## What you are asked to do
Take each line of the records below that contains the string "CIRCLE" and copy it.

Recorded data:
_ _ _
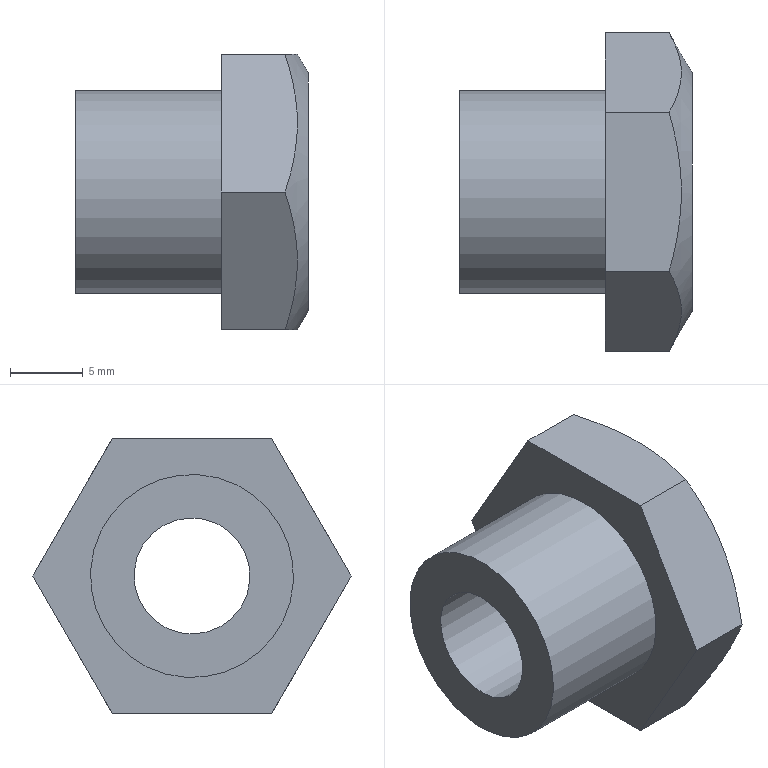Component | NX | OUTER_CASING_TUBE_CONNECTING_SCREW | 1 solid | 12 faces | box 16 x 21.94 x 19 mm | volume 2555 mm3 | plane 9 | cylinder 2 | cone 1 | commonest cylinder face diameters 14 x1 8 x1
STEP:
#1=CARTESIAN_POINT('',(0.,0.,0.));
#2=DIRECTION('',(0.,0.,1.));
#3=DIRECTION('',(1.,0.,0.));
#4=AXIS2_PLACEMENT_3D('',#1,#2,#3);
#5=CARTESIAN_POINT('',(-38.73,-48.,41.964));
#6=VERTEX_POINT('',#5);
#7=CARTESIAN_POINT('',(-38.73,-52.,35.036));
#8=VERTEX_POINT('',#7);
#9=CARTESIAN_POINT('',(-38.73,-50.,38.5));
#10=DIRECTION('',(1.,0.,0.));
#11=DIRECTION('',(0.,0.5,0.866));
#12=AXIS2_PLACEMENT_3D('',#9,#10,#11);
#13=CIRCLE('',#12,4.);
#14=CARTESIAN_POINT('',(-38.73,-50.,38.5));
#15=DIRECTION('',(-1.,0.,0.));
#16=DIRECTION('',(0.,0.5,0.866));
#17=AXIS2_PLACEMENT_3D('',#14,#15,#16);
#18=PLANE('',#17);
#19=CARTESIAN_POINT('',(4.,0.));
#20=CARTESIAN_POINT('',(4.,-6.928));
#21=CARTESIAN_POINT('',(-2.,-3.464));
#22=CARTESIAN_POINT('',(-8.,-0.));
#23=CARTESIAN_POINT('',(-2.,3.464));
#24=CARTESIAN_POINT('',(4.,6.928));
#25=CARTESIAN_POINT('',(4.,0.));
#26=(BOUNDED_CURVE()B_SPLINE_CURVE(2,(#19,#20,#21,#22,#23,#24,#25),.UNSPECIFIED.,.T.,.F.)B_SPLINE_CURVE_WITH_KNOTS((1,2,2,2,2,1),(-2.094,0.,2.094,4.189,6.283,8.378),.UNSPECIFIED.)CURVE()GEOMETRIC_REPRESENTATION_ITEM()RATIONAL_B_SPLINE_CURVE((1.,0.5,1.,0.5,1.,0.5,1.))REPRESENTATION_ITEM(''));
#27=(GEOMETRIC_REPRESENTATION_CONTEXT(2)PARAMETRIC_REPRESENTATION_CONTEXT()REPRESENTATION_CONTEXT('',''));
#28=DEFINITIONAL_REPRESENTATION('',(#26),#27);
#29=PCURVE('',#18,#28);
#30=CARTESIAN_POINT('',(-44.23,-50.,38.5));
#31=DIRECTION('',(1.,0.,0.));
#32=DIRECTION('',(0.,-0.5,-0.866));
#33=AXIS2_PLACEMENT_3D('',#30,#31,#32);
#34=CYLINDRICAL_SURFACE('',#33,4.);
#35=CARTESIAN_POINT('',(3.142,5.5));
#36=DIRECTION('',(1.,0.));
#37=VECTOR('',#36,1.);
#38=LINE('',#35,#37);
#39=(GEOMETRIC_REPRESENTATION_CONTEXT(2)PARAMETRIC_REPRESENTATION_CONTEXT()REPRESENTATION_CONTEXT('',''));
#40=DEFINITIONAL_REPRESENTATION('',(#38),#39);
#41=PCURVE('',#34,#40);
#42=SURFACE_CURVE('',#13,(#29,#41),.PCURVE_S1.);
#43=EDGE_CURVE('',#6,#8,#42,.T.);
#44=ORIENTED_EDGE('',*,*,#43,.T.);
#45=CARTESIAN_POINT('',(-38.73,-50.,38.5));
#46=DIRECTION('',(1.,0.,0.));
#47=DIRECTION('',(0.,0.5,0.866));
#48=AXIS2_PLACEMENT_3D('',#45,#46,#47);
#49=CIRCLE('',#48,4.);
#50=CARTESIAN_POINT('',(4.,0.));
#51=CARTESIAN_POINT('',(4.,-6.928));
#52=CARTESIAN_POINT('',(-2.,-3.464));
#53=CARTESIAN_POINT('',(-8.,-0.));
#54=CARTESIAN_POINT('',(-2.,3.464));
#55=CARTESIAN_POINT('',(4.,6.928));
#56=CARTESIAN_POINT('',(4.,0.));
#57=(BOUNDED_CURVE()B_SPLINE_CURVE(2,(#50,#51,#52,#53,#54,#55,#56),.UNSPECIFIED.,.T.,.F.)B_SPLINE_CURVE_WITH_KNOTS((1,2,2,2,2,1),(-2.094,0.,2.094,4.189,6.283,8.378),.UNSPECIFIED.)CURVE()GEOMETRIC_REPRESENTATION_ITEM()RATIONAL_B_SPLINE_CURVE((1.,0.5,1.,0.5,1.,0.5,1.))REPRESENTATION_ITEM(''));
#58=(GEOMETRIC_REPRESENTATION_CONTEXT(2)PARAMETRIC_REPRESENTATION_CONTEXT()REPRESENTATION_CONTEXT('',''));
#59=DEFINITIONAL_REPRESENTATION('',(#57),#58);
#60=PCURVE('',#18,#59);
#61=CARTESIAN_POINT('',(-3.142,5.5));
#62=DIRECTION('',(1.,0.));
#63=VECTOR('',#62,1.);
#64=LINE('',#61,#63);
#65=(GEOMETRIC_REPRESENTATION_CONTEXT(2)PARAMETRIC_REPRESENTATION_CONTEXT()REPRESENTATION_CONTEXT('',''));
#66=DEFINITIONAL_REPRESENTATION('',(#64),#65);
#67=PCURVE('',#34,#66);
#68=SURFACE_CURVE('',#49,(#60,#67),.PCURVE_S1.);
#69=EDGE_CURVE('',#8,#6,#68,.T.);
#70=ORIENTED_EDGE('',*,*,#69,.T.);
#71=EDGE_LOOP('',(#44,#70));
#72=FACE_BOUND('',#71,.T.);
#73=CARTESIAN_POINT('',(-38.73,-53.5,32.438));
#74=VERTEX_POINT('',#73);
#75=CARTESIAN_POINT('',(-38.73,-50.,38.5));
#76=DIRECTION('',(1.,0.,0.));
#77=DIRECTION('',(0.,-0.5,-0.866));
#78=AXIS2_PLACEMENT_3D('',#75,#76,#77);
#79=CIRCLE('',#78,7.);
#80=CARTESIAN_POINT('',(-7.,0.));
#81=CARTESIAN_POINT('',(-7.,12.124));
#82=CARTESIAN_POINT('',(3.5,6.062));
#83=CARTESIAN_POINT('',(14.,-0.));
#84=CARTESIAN_POINT('',(3.5,-6.062));
#85=CARTESIAN_POINT('',(-7.,-12.124));
#86=CARTESIAN_POINT('',(-7.,0.));
#87=(BOUNDED_CURVE()B_SPLINE_CURVE(2,(#80,#81,#82,#83,#84,#85,#86),.UNSPECIFIED.,.T.,.F.)B_SPLINE_CURVE_WITH_KNOTS((1,2,2,2,2,1),(-2.094,0.,2.094,4.189,6.283,8.378),.UNSPECIFIED.)CURVE()GEOMETRIC_REPRESENTATION_ITEM()RATIONAL_B_SPLINE_CURVE((1.,0.5,1.,0.5,1.,0.5,1.))REPRESENTATION_ITEM(''));
#88=(GEOMETRIC_REPRESENTATION_CONTEXT(2)PARAMETRIC_REPRESENTATION_CONTEXT()REPRESENTATION_CONTEXT('',''));
#89=DEFINITIONAL_REPRESENTATION('',(#87),#88);
#90=PCURVE('',#18,#89);
#91=CARTESIAN_POINT('',(-38.73,-50.,38.5));
#92=DIRECTION('',(1.,0.,0.));
#93=DIRECTION('',(0.,-0.5,-0.866));
#94=AXIS2_PLACEMENT_3D('',#91,#92,#93);
#95=CYLINDRICAL_SURFACE('',#94,7.);
#96=CARTESIAN_POINT('',(0.,0.));
#97=DIRECTION('',(1.,0.));
#98=VECTOR('',#97,1.);
#99=LINE('',#96,#98);
#100=(GEOMETRIC_REPRESENTATION_CONTEXT(2)PARAMETRIC_REPRESENTATION_CONTEXT()REPRESENTATION_CONTEXT('',''));
#101=DEFINITIONAL_REPRESENTATION('',(#99),#100);
#102=PCURVE('',#95,#101);
#103=SURFACE_CURVE('',#79,(#90,#102),.PCURVE_S1.);
#104=EDGE_CURVE('',#74,#74,#103,.T.);
#105=ORIENTED_EDGE('',*,*,#104,.F.);
#106=EDGE_LOOP('',(#105));
#107=FACE_BOUND('',#106,.T.);
#108=ADVANCED_FACE('',(#72,#107),#18,.T.);
#109=CARTESIAN_POINT('',(-28.73,-53.5,32.438));
#110=VERTEX_POINT('',#109);
#111=CARTESIAN_POINT('',(-28.73,-50.,38.5));
#112=DIRECTION('',(-1.,0.,0.));
#113=DIRECTION('',(0.,-0.5,-0.866));
#114=AXIS2_PLACEMENT_3D('',#111,#112,#113);
#115=CIRCLE('',#114,7.);
#116=CARTESIAN_POINT('',(6.283,10.));
#117=DIRECTION('',(-1.,0.));
#118=VECTOR('',#117,1.);
#119=LINE('',#116,#118);
#120=(GEOMETRIC_REPRESENTATION_CONTEXT(2)PARAMETRIC_REPRESENTATION_CONTEXT()REPRESENTATION_CONTEXT('',''));
#121=DEFINITIONAL_REPRESENTATION('',(#119),#120);
#122=PCURVE('',#95,#121);
#123=CARTESIAN_POINT('',(-28.73,-50.,38.5));
#124=DIRECTION('',(-1.,0.,0.));
#125=DIRECTION('',(0.,0.5,0.866));
#126=AXIS2_PLACEMENT_3D('',#123,#124,#125);
#127=PLANE('',#126);
#128=CARTESIAN_POINT('',(0.,0.));
#129=DIRECTION('',(-1.,0.));
#130=AXIS2_PLACEMENT_2D('',#128,#129);
#131=CIRCLE('',#130,7.);
#132=(GEOMETRIC_REPRESENTATION_CONTEXT(2)PARAMETRIC_REPRESENTATION_CONTEXT()REPRESENTATION_CONTEXT('',''));
#133=DEFINITIONAL_REPRESENTATION('',(#131),#132);
#134=PCURVE('',#127,#133);
#135=SURFACE_CURVE('',#115,(#122,#134),.PCURVE_S1.);
#136=EDGE_CURVE('',#110,#110,#135,.T.);
#137=ORIENTED_EDGE('',*,*,#136,.T.);
#138=CARTESIAN_POINT('',(-38.73,-53.5,32.438));
#139=CARTESIAN_POINT('',(-28.73,-53.5,32.438));
#140=B_SPLINE_CURVE_WITH_KNOTS('',1,(#138,#139),.UNSPECIFIED.,.F.,.F.,(2,2),(0.,10.),.PIECEWISE_BEZIER_KNOTS.);
#141=CARTESIAN_POINT('',(0.,0.));
#142=DIRECTION('',(0.,1.));
#143=VECTOR('',#142,1.);
#144=LINE('',#141,#143);
#145=(GEOMETRIC_REPRESENTATION_CONTEXT(2)PARAMETRIC_REPRESENTATION_CONTEXT()REPRESENTATION_CONTEXT('',''));
#146=DEFINITIONAL_REPRESENTATION('',(#144),#145);
#147=PCURVE('',#95,#146);
#148=CARTESIAN_POINT('',(6.283,0.));
#149=DIRECTION('',(0.,1.));
#150=VECTOR('',#149,1.);
#151=LINE('',#148,#150);
#152=(GEOMETRIC_REPRESENTATION_CONTEXT(2)PARAMETRIC_REPRESENTATION_CONTEXT()REPRESENTATION_CONTEXT('',''));
#153=DEFINITIONAL_REPRESENTATION('',(#151),#152);
#154=PCURVE('',#95,#153);
#155=SEAM_CURVE('',#140,(#147,#154),.PCURVE_S1.);
#156=EDGE_CURVE('',#74,#110,#155,.T.);
#157=ORIENTED_EDGE('',*,*,#156,.F.);
#158=ORIENTED_EDGE('',*,*,#104,.T.);
#159=ORIENTED_EDGE('',*,*,#156,.T.);
#160=EDGE_LOOP('',(#137,#157,#158,#159));
#161=FACE_BOUND('',#160,.T.);
#162=ADVANCED_FACE('',(#161),#95,.T.);
#163=CARTESIAN_POINT('',(-24.314,-55.485,29.));
#164=VERTEX_POINT('',#163);
#165=CARTESIAN_POINT('',(-24.314,-44.515,29.));
#166=VERTEX_POINT('',#165);
#167=CARTESIAN_POINT('',(-24.314,-55.485,29.));
#168=CARTESIAN_POINT('',(-23.797,-53.694,29.));
#169=CARTESIAN_POINT('',(-23.466,-51.876,29.));
#170=CARTESIAN_POINT('',(-23.464,-48.145,29.));
#171=CARTESIAN_POINT('',(-23.796,-46.309,29.));
#172=CARTESIAN_POINT('',(-24.314,-44.515,29.));
#173=B_SPLINE_CURVE_WITH_KNOTS('',3,(#167,#168,#169,#170,#171,#172),.UNSPECIFIED.,.F.,.F.,(4,2,4),(0.,0.5,1.),.UNSPECIFIED.);
#174=CARTESIAN_POINT('',(-22.73,-44.515,29.));
#175=DIRECTION('',(0.,0.,-1.));
#176=DIRECTION('',(0.,1.,0.));
#177=AXIS2_PLACEMENT_3D('',#174,#175,#176);
#178=PLANE('',#177);
#179=CARTESIAN_POINT('',(-10.97,-1.583));
#180=CARTESIAN_POINT('',(-9.179,-1.066));
#181=CARTESIAN_POINT('',(-7.361,-0.736));
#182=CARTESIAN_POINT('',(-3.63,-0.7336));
_ _ _
## Answer for the task
#13=CIRCLE('',#12,4.);
#49=CIRCLE('',#48,4.);
#79=CIRCLE('',#78,7.);
#115=CIRCLE('',#114,7.);
#131=CIRCLE('',#130,7.);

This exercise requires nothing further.